» **The records**
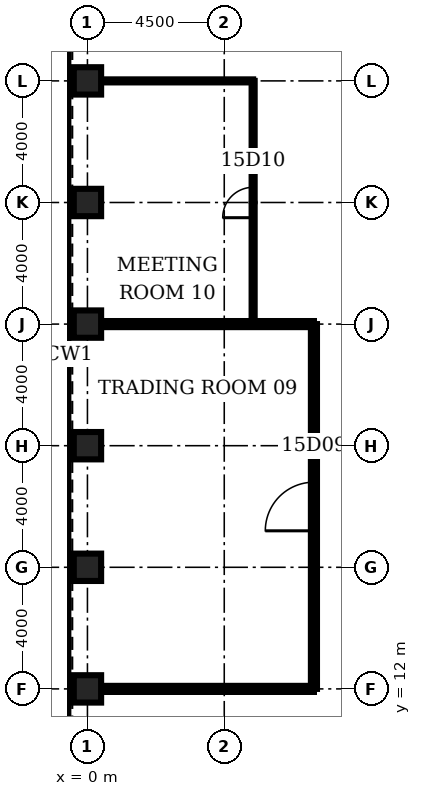
"""IFC4 building model, lengths in metres.
Left out: names, types, materials, properties, quantities, classifications, styles, units other than length and angle.
Written with IfcOpenShell. Run it as: python <this file> out.ifc"""

import sys

from ifc_helpers import new_model, si_unit, direction, frame, frame_2d, origin, origin_2d, place, context, subcontext, project, spatial, rectangle, hollow_rectangle, extrude, element, fill, save


model = new_model("IFC4")
c1 = context("Model", 3, precision=1e-05, world=origin(), true_north=direction((0.0, 1.0)))
c2 = subcontext(c1, "Body", "Model", "MODEL_VIEW")
j1 = project(units=[si_unit("LENGTHUNIT", "METRE"), si_unit("PLANEANGLEUNIT", "RADIAN")], contexts=[c1])
p1 = place(None, origin())
s1 = spatial("IfcSite", under=j1, at=p1, CompositionType="ELEMENT")
p2 = place(p1, origin())
s2 = spatial("IfcBuilding", under=s1, at=p2, CompositionType="ELEMENT")
p3 = place(p2, frame((0.0, 0.0, 72.5)))
s3 = spatial("IfcBuildingStorey", under=s2, at=p3, CompositionType="ELEMENT", Elevation=72.5)
for number, where, z_axis, x_axis in (
    (1, (0.0, 32.0, 0.0), (0.0, 0.0, 1.0), (1.0, 0.0, 0.0)),
    (2, (0.0, 28.0, 0.0), (0.0, 0.0, 1.0), (1.0, 0.0, 0.0)),
    (3, (0.0, 24.0, 0.0), (0.0, 0.0, 1.0), (1.0, 0.0, 0.0)),
    (4, (0.0, 20.0, 0.0), (0.0, 0.0, 1.0), (1.0, 0.0, 0.0)),
    (5, (0.0, 16.0, 0.0), (0.0, 0.0, 1.0), (1.0, 0.0, 0.0)),
    (6, (0.0, 12.0, 0.0), (0.0, 0.0, 1.0), (1.0, 0.0, 0.0)),
):
    element("IfcColumn", number, at=place(p3, frame(where, z_axis=z_axis, x_axis=x_axis)), inside=s3, PredefinedType="COLUMN", context=c2, shape_type="SweptSolid", body=[
        extrude(hollow_rectangle(XDim=0.9, YDim=0.9, WallThickness=0.12, at=origin_2d()), origin(), (0.0, 0.0, 1.0), 4.5),
    ])
for number, where, z_axis, x_axis in (
    (7, (0.45, 12.0, 0.0), (0.0, 0.0, 1.0), (1.0, 0.0, 0.0)),
    (8, (0.45, 24.0, 0.0), (0.0, 0.0, 1.0), (1.0, 0.0, 0.0)),
):
    element("IfcWall", number, at=place(p3, frame(where, z_axis=z_axis, x_axis=x_axis)), inside=s3, PredefinedType="PARTITIONING", context=c2, shape_type="SweptSolid", body=[
        extrude(rectangle(XDim=7.0, YDim=0.2, at=frame_2d((3.5, 0.0))), origin(), (0.0, 0.0, 1.0), 3.0),
    ])
p4 = place(p3, frame((0.45, 32.0, 0.0), z_axis=(0.0, 0.0, 1.0), x_axis=(1.0, 0.0, 0.0)))
e9 = element("IfcWall", 9, at=p4, inside=s3, PredefinedType="PARTITIONING", context=c2, shape_type="SweptSolid", body=[
    extrude(rectangle(XDim=5.0, YDim=0.1, at=frame_2d((2.5, 0.0))), origin(), (0.0, 0.0, 1.0), 3.0),
])
p5 = place(p3, frame((5.45, 24.0, 0.0), z_axis=(0.0, 0.0, 1.0), x_axis=(0.0, 1.0, 0.0)))
e10 = element("IfcWall", 10, at=p5, inside=s3, PredefinedType="PARTITIONING", context=c2, shape_type="SweptSolid", body=[
    extrude(rectangle(XDim=8.0, YDim=0.1, at=frame_2d((4.0, 0.0))), origin(), (0.0, 0.0, 1.0), 3.0),
])
p6 = place(p5, frame((3.5, 0.0, 0.0)))
e11 = element("IfcOpeningElement", 11, at=p6, cuts=e10, PredefinedType="OPENING", context=c2, shape_type="SweptSolid", body=[
    extrude(rectangle(XDim=1.0, YDim=2.1, at=frame_2d((0.5, 1.05))), frame((0.0, 0.06, 0.0), z_axis=(0.0, -1.0, 0.0), x_axis=(1.0, 0.0, 0.0)), (0.0, 0.0, 1.0), 0.12),
])
p7 = place(p3, frame((7.45, 12.0, 0.0), z_axis=(0.0, 0.0, 1.0), x_axis=(0.0, 1.0, 0.0)))
e12 = element("IfcWall", 12, at=p7, inside=s3, PredefinedType="PARTITIONING", context=c2, shape_type="SweptSolid", body=[
    extrude(rectangle(XDim=12.0, YDim=0.2, at=frame_2d((6.0, 0.0))), origin(), (0.0, 0.0, 1.0), 3.0),
])
p8 = place(p7, frame((5.2, 0.0, 0.0)))
e13 = element("IfcOpeningElement", 13, at=p8, cuts=e12, PredefinedType="OPENING", context=c2, shape_type="SweptSolid", body=[
    extrude(rectangle(XDim=1.6, YDim=2.1, at=frame_2d((0.8, 1.05))), frame((0.0, 0.11, 0.0), z_axis=(0.0, -1.0, 0.0), x_axis=(1.0, 0.0, 0.0)), (0.0, 0.0, 1.0), 0.22),
])
p9 = place(p8, origin())
e14 = element("IfcDoor", 14, at=p9, inside=s3, OperationType="SINGLE_SWING_LEFT", PredefinedType="DOOR", context=c2, shape_type="SweptSolid", body=[
    extrude(rectangle(XDim=1.6, YDim=2.1, at=frame_2d((0.8, 1.05))), frame((0.0, 0.025, 0.0), z_axis=(0.0, -1.0, 0.0), x_axis=(1.0, 0.0, 0.0)), (0.0, 0.0, 1.0), 0.05),
])
fill(e13, e14)
p10 = place(p6, origin())
e15 = element("IfcDoor", 15, at=p10, inside=s3, OperationType="SINGLE_SWING_LEFT", PredefinedType="DOOR", context=c2, shape_type="SweptSolid", body=[
    extrude(rectangle(XDim=1.0, YDim=2.1, at=frame_2d((0.5, 1.05))), frame((0.0, 0.025, 0.0), z_axis=(0.0, -1.0, 0.0), x_axis=(1.0, 0.0, 0.0)), (0.0, 0.0, 1.0), 0.05),
])
fill(e11, e15)
save(model, sys.argv[1])
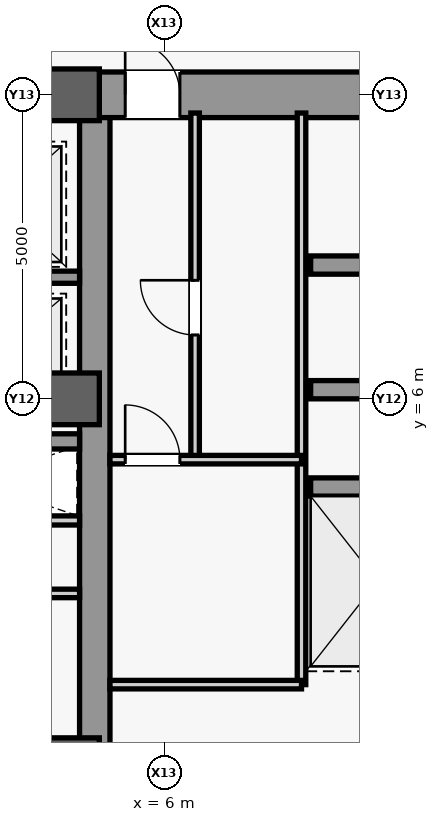
"""IFC4 building model, lengths in metres.
Left out: names, types, materials, properties, quantities, classifications, styles, units other than length and angle.
Written with IfcOpenShell. Run it as: python <this file> out.ifc"""

import sys

from ifc_helpers import new_model, si_unit, direction, frame, frame_2d, origin, origin_2d, place, context, subcontext, project, spatial, rectangle, extrude, source, transform, mapped, element, fill, save


model = new_model("IFC4")
c1 = context("Model", 3, precision=1e-05, world=origin(), true_north=direction((0.0, 1.0)))
c2 = subcontext(c1, "Body", "Model", "MODEL_VIEW")
j1 = project(units=[si_unit("LENGTHUNIT", "METRE"), si_unit("PLANEANGLEUNIT", "RADIAN")], contexts=[c1])
p1 = place(None, origin())
s1 = spatial("IfcSite", under=j1, at=p1, CompositionType="ELEMENT")
p2 = place(p1, origin())
s2 = spatial("IfcBuilding", under=s1, at=p2, CompositionType="ELEMENT")
p3 = place(p2, frame((0.0, 0.0, 159.1)))
s3 = spatial("IfcBuildingStorey", under=s2, at=p3, CompositionType="ELEMENT", Elevation=159.1)
m1 = source(origin(), c2, "Body", "SweptSolid", [
    extrude(rectangle(XDim=21.4, YDim=0.5, at=frame_2d((10.7, 0.0))), origin(), (0.0, 0.0, 1.0), 3.78),
])
p4 = place(p3, frame((4.85, -10.7, 0.0), z_axis=(0.0, 0.0, 1.0), x_axis=(0.0, 1.0, 0.0)))
e1 = element("IfcWall", 1, at=p4, inside=s3, PredefinedType="SHEAR", context=c2, shape_type="MappedRepresentation", body=[
    mapped(m1, transform((0.0, 0.0, 0.0), scale=1.0)),
])
m2 = source(origin(), c2, "Body", "SweptSolid", [
    extrude(rectangle(XDim=5.85, YDim=0.75, at=frame_2d((2.925, 0.0))), origin(), (0.0, 0.0, 1.0), 3.78),
])
p5 = place(p3, frame((4.85, 11.0, 0.0), z_axis=(0.0, 0.0, 1.0), x_axis=(1.0, 0.0, 0.0)))
e2 = element("IfcWall", 2, at=p5, inside=s3, PredefinedType="SHEAR", context=c2, shape_type="MappedRepresentation", body=[
    mapped(m2, transform((0.0, 0.0, 0.0), scale=1.0)),
])
m3 = source(origin(), c2, "Body", "SweptSolid", [
    extrude(rectangle(XDim=0.9, YDim=2.15, at=frame_2d((0.45, 1.075))), frame((0.0, 0.385, 0.0), z_axis=(0.0, -1.0, 0.0), x_axis=(1.0, 0.0, 0.0)), (0.0, 0.0, 1.0), 0.77),
])
p6 = place(p5, frame((0.5, 0.0, 0.0)))
e3 = element("IfcOpeningElement", 3, at=p6, cuts=e2, PredefinedType="OPENING", context=c2, shape_type="MappedRepresentation", body=[
    mapped(m3, transform((0.0, 0.0, 0.0), scale=1.0)),
])
m4 = source(origin(), c2, "Body", "SweptSolid", [
    extrude(rectangle(XDim=9.2, YDim=0.5, at=frame_2d((4.6, 0.0))), origin(), (0.0, 0.0, 1.0), 3.78),
])
p7 = place(p3, frame((-4.6, 11.0, 0.0), z_axis=(0.0, 0.0, 1.0), x_axis=(1.0, 0.0, 0.0)))
e4 = element("IfcWall", 4, at=p7, inside=s3, PredefinedType="SHEAR", context=c2, shape_type="MappedRepresentation", body=[
    mapped(m4, transform((0.0, 0.0, 0.0), scale=1.0)),
])
m5 = source(origin(), c2, "Body", "SweptSolid", [
    extrude(rectangle(XDim=1.8, YDim=2.25, at=frame_2d((0.9, 1.125))), frame((0.0, 0.26, 0.0), z_axis=(0.0, -1.0, 0.0), x_axis=(1.0, 0.0, 0.0)), (0.0, 0.0, 1.0), 0.52),
])
p8 = place(p7, frame((3.7, 0.0, 0.0)))
e5 = element("IfcOpeningElement", 5, at=p8, cuts=e4, PredefinedType="OPENING", context=c2, shape_type="MappedRepresentation", body=[
    mapped(m5, transform((0.0, 0.0, 0.0), scale=1.0)),
])
m6 = source(origin(), c2, "Body", "SweptSolid", [
    extrude(rectangle(XDim=0.85, YDim=0.85, at=origin_2d()), origin(), (0.0, 0.0, 1.0), 4.0),
])
for number, where, z_axis, x_axis in (
    (6, (4.5, 0.0, 0.0), (0.0, 0.0, 1.0), (1.0, 0.0, 0.0)),
    (7, (4.5, 6.0, 0.0), (0.0, 0.0, 1.0), (1.0, 0.0, 0.0)),
    (8, (4.5, 11.0, 0.0), (0.0, 0.0, 1.0), (1.0, 0.0, 0.0)),
):
    element("IfcColumn", number, at=place(p3, frame(where, z_axis=z_axis, x_axis=x_axis)), inside=s3, PredefinedType="COLUMN", context=c2, shape_type="MappedRepresentation", body=[
        mapped(m6, transform((0.0, 0.0, 0.0), scale=1.0)),
    ])
m7 = source(origin(), c2, "Body", "SweptSolid", [
    extrude(rectangle(XDim=2.3, YDim=0.3, at=frame_2d((1.15, 0.0))), origin(), (0.0, 0.0, 1.0), 3.78),
])
for number, where, z_axis, x_axis in (
    (9, (8.4, 4.55, 0.0), (0.0, 0.0, 1.0), (1.0, 0.0, 0.0)),
    (10, (8.4, 6.15, 0.0), (0.0, 0.0, 1.0), (1.0, 0.0, 0.0)),
    (11, (8.4, 8.2, 0.0), (0.0, 0.0, 1.0), (1.0, 0.0, 0.0)),
):
    element("IfcWall", number, at=place(p3, frame(where, z_axis=z_axis, x_axis=x_axis)), inside=s3, PredefinedType="SHEAR", context=c2, shape_type="MappedRepresentation", body=[
        mapped(m7, transform((0.0, 0.0, 0.0), scale=1.0)),
    ])
m8 = source(origin(), c2, "Body", "SweptSolid", [
    extrude(rectangle(XDim=9.4, YDim=0.14, at=frame_2d((4.7, 0.0))), origin(), (0.0, 0.0, 1.0), 3.78),
])
p9 = place(p3, frame((8.25, 1.3, 0.0), z_axis=(0.0, 0.0, 1.0), x_axis=(0.0, 1.0, 0.0)))
e12 = element("IfcWall", 12, at=p9, inside=s3, PredefinedType="PARTITIONING", context=c2, shape_type="MappedRepresentation", body=[
    mapped(m8, transform((0.0, 0.0, 0.0), scale=1.0)),
])
m9 = source(origin(), c2, "Body", "SweptSolid", [
    extrude(rectangle(XDim=3.15, YDim=0.14, at=frame_2d((1.575, 0.0))), origin(), (0.0, 0.0, 1.0), 3.78),
])
p10 = place(p3, frame((5.1, 1.3, 0.0), z_axis=(0.0, 0.0, 1.0), x_axis=(1.0, 0.0, 0.0)))
e13 = element("IfcWall", 13, at=p10, inside=s3, PredefinedType="PARTITIONING", context=c2, shape_type="MappedRepresentation", body=[
    mapped(m9, transform((0.0, 0.0, 0.0), scale=1.0)),
])
m10 = source(origin(), c2, "Body", "SweptSolid", [
    extrude(rectangle(XDim=5.7, YDim=0.14, at=frame_2d((2.85, 0.0))), origin(), (0.0, 0.0, 1.0), 3.78),
])
p11 = place(p3, frame((6.5, 5.0, 0.0), z_axis=(0.0, 0.0, 1.0), x_axis=(0.0, 1.0, 0.0)))
e14 = element("IfcWall", 14, at=p11, inside=s3, PredefinedType="PARTITIONING", context=c2, shape_type="MappedRepresentation", body=[
    mapped(m10, transform((0.0, 0.0, 0.0), scale=1.0)),
])
m11 = source(origin(), c2, "Body", "SweptSolid", [
    extrude(rectangle(XDim=0.9, YDim=2.15, at=frame_2d((0.45, 1.075))), frame((0.0, 0.08, 0.0), z_axis=(0.0, -1.0, 0.0), x_axis=(1.0, 0.0, 0.0)), (0.0, 0.0, 1.0), 0.16),
])
p12 = place(p11, frame((2.05, 0.0, 0.0)))
e15 = element("IfcOpeningElement", 15, at=p12, cuts=e14, PredefinedType="OPENING", context=c2, shape_type="MappedRepresentation", body=[
    mapped(m11, transform((0.0, 0.0, 0.0), scale=1.0)),
])
p13 = place(p3, frame((5.1, 5.0, 0.0), z_axis=(0.0, 0.0, 1.0), x_axis=(1.0, 0.0, 0.0)))
e16 = element("IfcWall", 16, at=p13, inside=s3, PredefinedType="PARTITIONING", context=c2, shape_type="MappedRepresentation", body=[
    mapped(m9, transform((0.0, 0.0, 0.0), scale=1.0)),
])
p14 = place(p13, frame((0.25, 0.0, 0.0)))
e17 = element("IfcOpeningElement", 17, at=p14, cuts=e16, PredefinedType="OPENING", context=c2, shape_type="MappedRepresentation", body=[
    mapped(m11, transform((0.0, 0.0, 0.0), scale=1.0)),
])
m12 = source(origin(), c2, "Body", "SweptSolid", [
    extrude(rectangle(XDim=3.45, YDim=0.15, at=frame_2d((1.725, 0.0))), origin(), (0.0, 0.0, 1.0), 3.78),
])
p15 = place(p3, frame((1.15, 4.0, 0.0), z_axis=(0.0, 0.0, 1.0), x_axis=(1.0, 0.0, 0.0)))
e18 = element("IfcWall", 18, at=p15, inside=s3, PredefinedType="PARTITIONING", context=c2, shape_type="MappedRepresentation", body=[
    mapped(m12, transform((0.0, 0.0, 0.0), scale=1.0)),
])
m13 = source(origin(), c2, "Body", "SweptSolid", [
    extrude(rectangle(XDim=2.45, YDim=0.2, at=frame_2d((1.225, 0.0))), origin(), (0.0, 0.0, 1.0), 3.78),
])
p16 = place(p3, frame((2.15, 8.0, 0.0), z_axis=(0.0, 0.0, 1.0), x_axis=(1.0, 0.0, 0.0)))
e19 = element("IfcWall", 19, at=p16, inside=s3, PredefinedType="SHEAR", context=c2, shape_type="MappedRepresentation", body=[
    mapped(m13, transform((0.0, 0.0, 0.0), scale=1.0)),
])
m14 = source(origin(), c2, "Body", "SweptSolid", [
    extrude(rectangle(XDim=9.2, YDim=0.25, at=frame_2d((4.6, 0.0))), origin(), (0.0, 0.0, 1.0), 3.78),
])
p17 = place(p3, frame((-4.6, 5.3, 0.0), z_axis=(0.0, 0.0, 1.0), x_axis=(1.0, 0.0, 0.0)))
e20 = element("IfcWall", 20, at=p17, inside=s3, PredefinedType="SHEAR", context=c2, shape_type="MappedRepresentation", body=[
    mapped(m14, transform((0.0, 0.0, 0.0), scale=1.0)),
])
m15 = source(origin(), c2, "Body", "SweptSolid", [
    extrude(rectangle(XDim=1.05, YDim=2.2, at=frame_2d((0.525, 1.1))), frame((0.0, 0.135, 0.0), z_axis=(0.0, -1.0, 0.0), x_axis=(1.0, 0.0, 0.0)), (0.0, 0.0, 1.0), 0.27),
])
p18 = place(p17, frame((4.075, 0.0, 0.0)))
e21 = element("IfcOpeningElement", 21, at=p18, cuts=e20, PredefinedType="OPENING", context=c2, shape_type="MappedRepresentation", body=[
    mapped(m15, transform((0.0, 0.0, 0.0), scale=1.0)),
])
m16 = source(origin(), c2, "Body", "SweptSolid", [
    extrude(rectangle(XDim=3.45, YDim=0.14, at=frame_2d((1.725, 0.0))), origin(), (0.0, 0.0, 1.0), 3.78),
])
p19 = place(p3, frame((1.15, 2.8, 0.0), z_axis=(0.0, 0.0, 1.0), x_axis=(1.0, 0.0, 0.0)))
e22 = element("IfcWall", 22, at=p19, inside=s3, PredefinedType="PARTITIONING", context=c2, shape_type="MappedRepresentation", body=[
    mapped(m16, transform((0.0, 0.0, 0.0), scale=1.0)),
])
m17 = source(origin(), c2, "Body", "SweptSolid", [
    extrude(rectangle(XDim=0.9, YDim=2.15, at=frame_2d((0.45, 1.075))), frame((0.0, 0.025, 0.0), z_axis=(0.0, -1.0, 0.0), x_axis=(1.0, 0.0, 0.0)), (0.0, 0.0, 1.0), 0.05),
])
p20 = place(p6, origin())
e23 = element("IfcDoor", 23, at=p20, inside=s3, OperationType="SINGLE_SWING_LEFT", PredefinedType="DOOR", context=c2, shape_type="MappedRepresentation", body=[
    mapped(m17, transform((0.0, 0.0, 0.0), scale=1.0)),
])
fill(e3, e23)
p21 = place(p12, origin())
e24 = element("IfcDoor", 24, at=p21, inside=s3, OperationType="SINGLE_SWING_RIGHT", PredefinedType="DOOR", context=c2, shape_type="MappedRepresentation", body=[
    mapped(m17, transform((0.0, 0.0, 0.0), scale=1.0)),
])
fill(e15, e24)
p22 = place(p14, origin())
e25 = element("IfcDoor", 25, at=p22, inside=s3, OperationType="SINGLE_SWING_LEFT", PredefinedType="DOOR", context=c2, shape_type="MappedRepresentation", body=[
    mapped(m17, transform((0.0, 0.0, 0.0), scale=1.0)),
])
fill(e17, e25)
save(model, sys.argv[1])

» **Assignment**
Copy each line of the data that contains the word "IfcColumn".

» **Solved problem**
    element("IfcColumn", number, at=place(p3, frame(where, z_axis=z_axis, x_axis=x_axis)), inside=s3, PredefinedType="COLUMN", context=c2, shape_type="SweptSolid", body=[
    element("IfcColumn", number, at=place(p3, frame(where, z_axis=z_axis, x_axis=x_axis)), inside=s3, PredefinedType="COLUMN", context=c2, shape_type="MappedRepresentation", body=[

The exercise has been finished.